_Task to complete_:
Write all of the entries out again exactly, but not the images.

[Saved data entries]
-- Opening Marker --
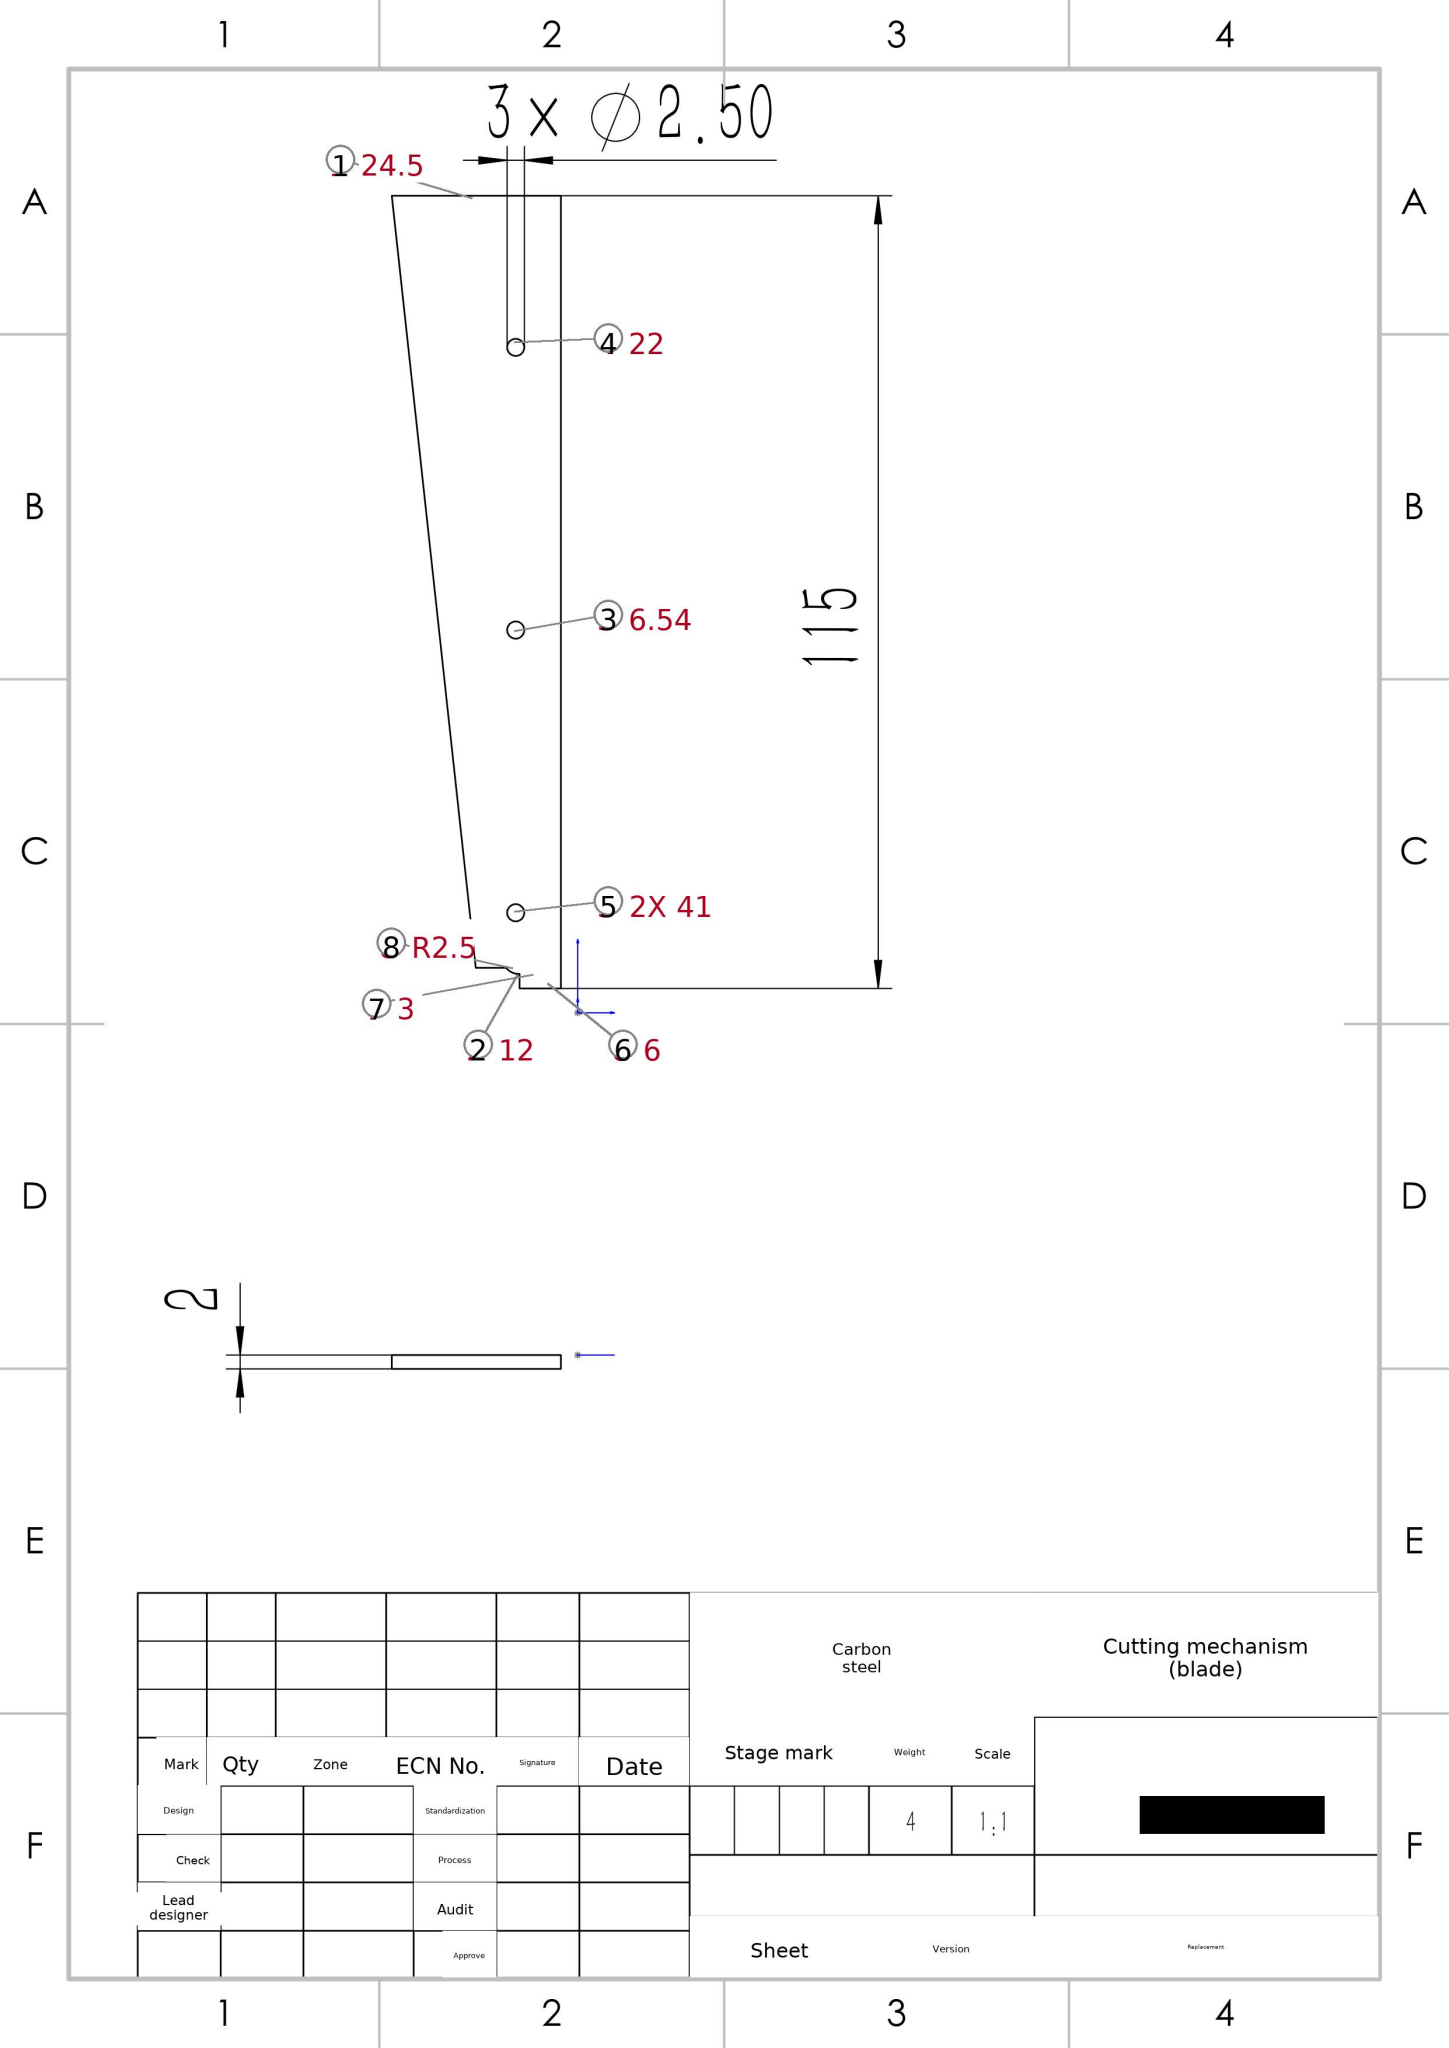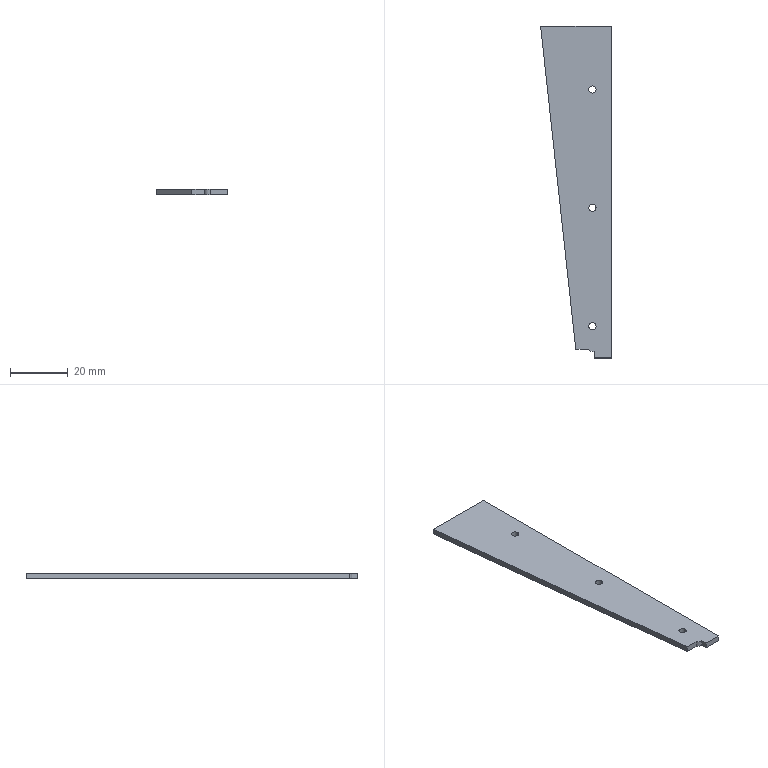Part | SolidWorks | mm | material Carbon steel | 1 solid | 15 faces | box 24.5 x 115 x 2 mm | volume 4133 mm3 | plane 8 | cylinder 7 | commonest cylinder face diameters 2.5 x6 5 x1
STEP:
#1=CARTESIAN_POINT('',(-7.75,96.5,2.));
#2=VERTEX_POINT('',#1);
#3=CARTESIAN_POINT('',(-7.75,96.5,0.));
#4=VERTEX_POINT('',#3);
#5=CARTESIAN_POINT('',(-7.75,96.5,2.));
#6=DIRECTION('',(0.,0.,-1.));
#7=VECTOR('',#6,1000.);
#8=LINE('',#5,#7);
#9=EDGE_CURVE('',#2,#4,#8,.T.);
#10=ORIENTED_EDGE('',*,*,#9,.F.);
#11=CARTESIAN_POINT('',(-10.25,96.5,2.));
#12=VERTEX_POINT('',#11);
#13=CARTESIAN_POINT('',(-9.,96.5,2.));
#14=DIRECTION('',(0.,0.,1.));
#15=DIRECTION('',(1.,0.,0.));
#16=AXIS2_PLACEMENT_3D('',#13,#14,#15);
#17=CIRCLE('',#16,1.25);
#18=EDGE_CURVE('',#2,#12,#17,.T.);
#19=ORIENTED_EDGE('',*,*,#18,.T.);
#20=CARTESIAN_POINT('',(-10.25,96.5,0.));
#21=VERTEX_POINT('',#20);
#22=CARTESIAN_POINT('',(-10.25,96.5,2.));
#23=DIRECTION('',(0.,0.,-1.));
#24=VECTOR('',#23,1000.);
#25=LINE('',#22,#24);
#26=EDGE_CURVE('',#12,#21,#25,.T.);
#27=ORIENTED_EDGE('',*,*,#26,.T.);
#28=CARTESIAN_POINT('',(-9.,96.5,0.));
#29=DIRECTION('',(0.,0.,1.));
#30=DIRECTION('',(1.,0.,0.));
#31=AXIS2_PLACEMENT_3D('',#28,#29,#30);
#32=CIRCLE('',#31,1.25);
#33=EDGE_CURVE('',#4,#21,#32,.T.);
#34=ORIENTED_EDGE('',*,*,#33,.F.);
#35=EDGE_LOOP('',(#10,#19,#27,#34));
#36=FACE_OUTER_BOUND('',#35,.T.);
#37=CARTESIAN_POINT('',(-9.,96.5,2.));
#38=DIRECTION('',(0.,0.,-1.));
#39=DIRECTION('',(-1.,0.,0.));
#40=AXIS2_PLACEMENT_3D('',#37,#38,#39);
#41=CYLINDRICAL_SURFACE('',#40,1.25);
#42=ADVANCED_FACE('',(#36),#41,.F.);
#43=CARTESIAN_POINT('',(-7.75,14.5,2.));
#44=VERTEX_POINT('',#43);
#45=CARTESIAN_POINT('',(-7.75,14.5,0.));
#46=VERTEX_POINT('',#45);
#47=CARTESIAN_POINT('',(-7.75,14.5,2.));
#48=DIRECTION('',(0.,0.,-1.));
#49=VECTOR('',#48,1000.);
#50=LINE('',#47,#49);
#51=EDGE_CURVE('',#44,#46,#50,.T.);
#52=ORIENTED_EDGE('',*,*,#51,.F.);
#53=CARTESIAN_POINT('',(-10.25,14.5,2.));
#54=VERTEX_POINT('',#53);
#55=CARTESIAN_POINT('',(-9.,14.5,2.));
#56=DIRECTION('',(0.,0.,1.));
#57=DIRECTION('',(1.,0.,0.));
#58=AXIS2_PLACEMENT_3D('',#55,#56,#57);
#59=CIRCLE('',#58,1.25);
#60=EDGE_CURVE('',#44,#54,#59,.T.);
-- Closing Marker --
_Answer space_:
Part | SolidWorks | mm | material Carbon steel | 1 solid | 15 faces | box 24.5 x 115 x 2 mm | volume 4133 mm3 | plane 8 | cylinder 7 | commonest cylinder face diameters 2.5 x6 5 x1
STEP:
#1=CARTESIAN_POINT('',(-7.75,96.5,2.));
#2=VERTEX_POINT('',#1);
#3=CARTESIAN_POINT('',(-7.75,96.5,0.));
#4=VERTEX_POINT('',#3);
#5=CARTESIAN_POINT('',(-7.75,96.5,2.));
#6=DIRECTION('',(0.,0.,-1.));
#7=VECTOR('',#6,1000.);
#8=LINE('',#5,#7);
#9=EDGE_CURVE('',#2,#4,#8,.T.);
#10=ORIENTED_EDGE('',*,*,#9,.F.);
#11=CARTESIAN_POINT('',(-10.25,96.5,2.));
#12=VERTEX_POINT('',#11);
#13=CARTESIAN_POINT('',(-9.,96.5,2.));
#14=DIRECTION('',(0.,0.,1.));
#15=DIRECTION('',(1.,0.,0.));
#16=AXIS2_PLACEMENT_3D('',#13,#14,#15);
#17=CIRCLE('',#16,1.25);
#18=EDGE_CURVE('',#2,#12,#17,.T.);
#19=ORIENTED_EDGE('',*,*,#18,.T.);
#20=CARTESIAN_POINT('',(-10.25,96.5,0.));
#21=VERTEX_POINT('',#20);
#22=CARTESIAN_POINT('',(-10.25,96.5,2.));
#23=DIRECTION('',(0.,0.,-1.));
#24=VECTOR('',#23,1000.);
#25=LINE('',#22,#24);
#26=EDGE_CURVE('',#12,#21,#25,.T.);
#27=ORIENTED_EDGE('',*,*,#26,.T.);
#28=CARTESIAN_POINT('',(-9.,96.5,0.));
#29=DIRECTION('',(0.,0.,1.));
#30=DIRECTION('',(1.,0.,0.));
#31=AXIS2_PLACEMENT_3D('',#28,#29,#30);
#32=CIRCLE('',#31,1.25);
#33=EDGE_CURVE('',#4,#21,#32,.T.);
#34=ORIENTED_EDGE('',*,*,#33,.F.);
#35=EDGE_LOOP('',(#10,#19,#27,#34));
#36=FACE_OUTER_BOUND('',#35,.T.);
#37=CARTESIAN_POINT('',(-9.,96.5,2.));
#38=DIRECTION('',(0.,0.,-1.));
#39=DIRECTION('',(-1.,0.,0.));
#40=AXIS2_PLACEMENT_3D('',#37,#38,#39);
#41=CYLINDRICAL_SURFACE('',#40,1.25);
#42=ADVANCED_FACE('',(#36),#41,.F.);
#43=CARTESIAN_POINT('',(-7.75,14.5,2.));
#44=VERTEX_POINT('',#43);
#45=CARTESIAN_POINT('',(-7.75,14.5,0.));
#46=VERTEX_POINT('',#45);
#47=CARTESIAN_POINT('',(-7.75,14.5,2.));
#48=DIRECTION('',(0.,0.,-1.));
#49=VECTOR('',#48,1000.);
#50=LINE('',#47,#49);
#51=EDGE_CURVE('',#44,#46,#50,.T.);
#52=ORIENTED_EDGE('',*,*,#51,.F.);
#53=CARTESIAN_POINT('',(-10.25,14.5,2.));
#54=VERTEX_POINT('',#53);
#55=CARTESIAN_POINT('',(-9.,14.5,2.));
#56=DIRECTION('',(0.,0.,1.));
#57=DIRECTION('',(1.,0.,0.));
#58=AXIS2_PLACEMENT_3D('',#55,#56,#57);
#59=CIRCLE('',#58,1.25);
#60=EDGE_CURVE('',#44,#54,#59,.T.);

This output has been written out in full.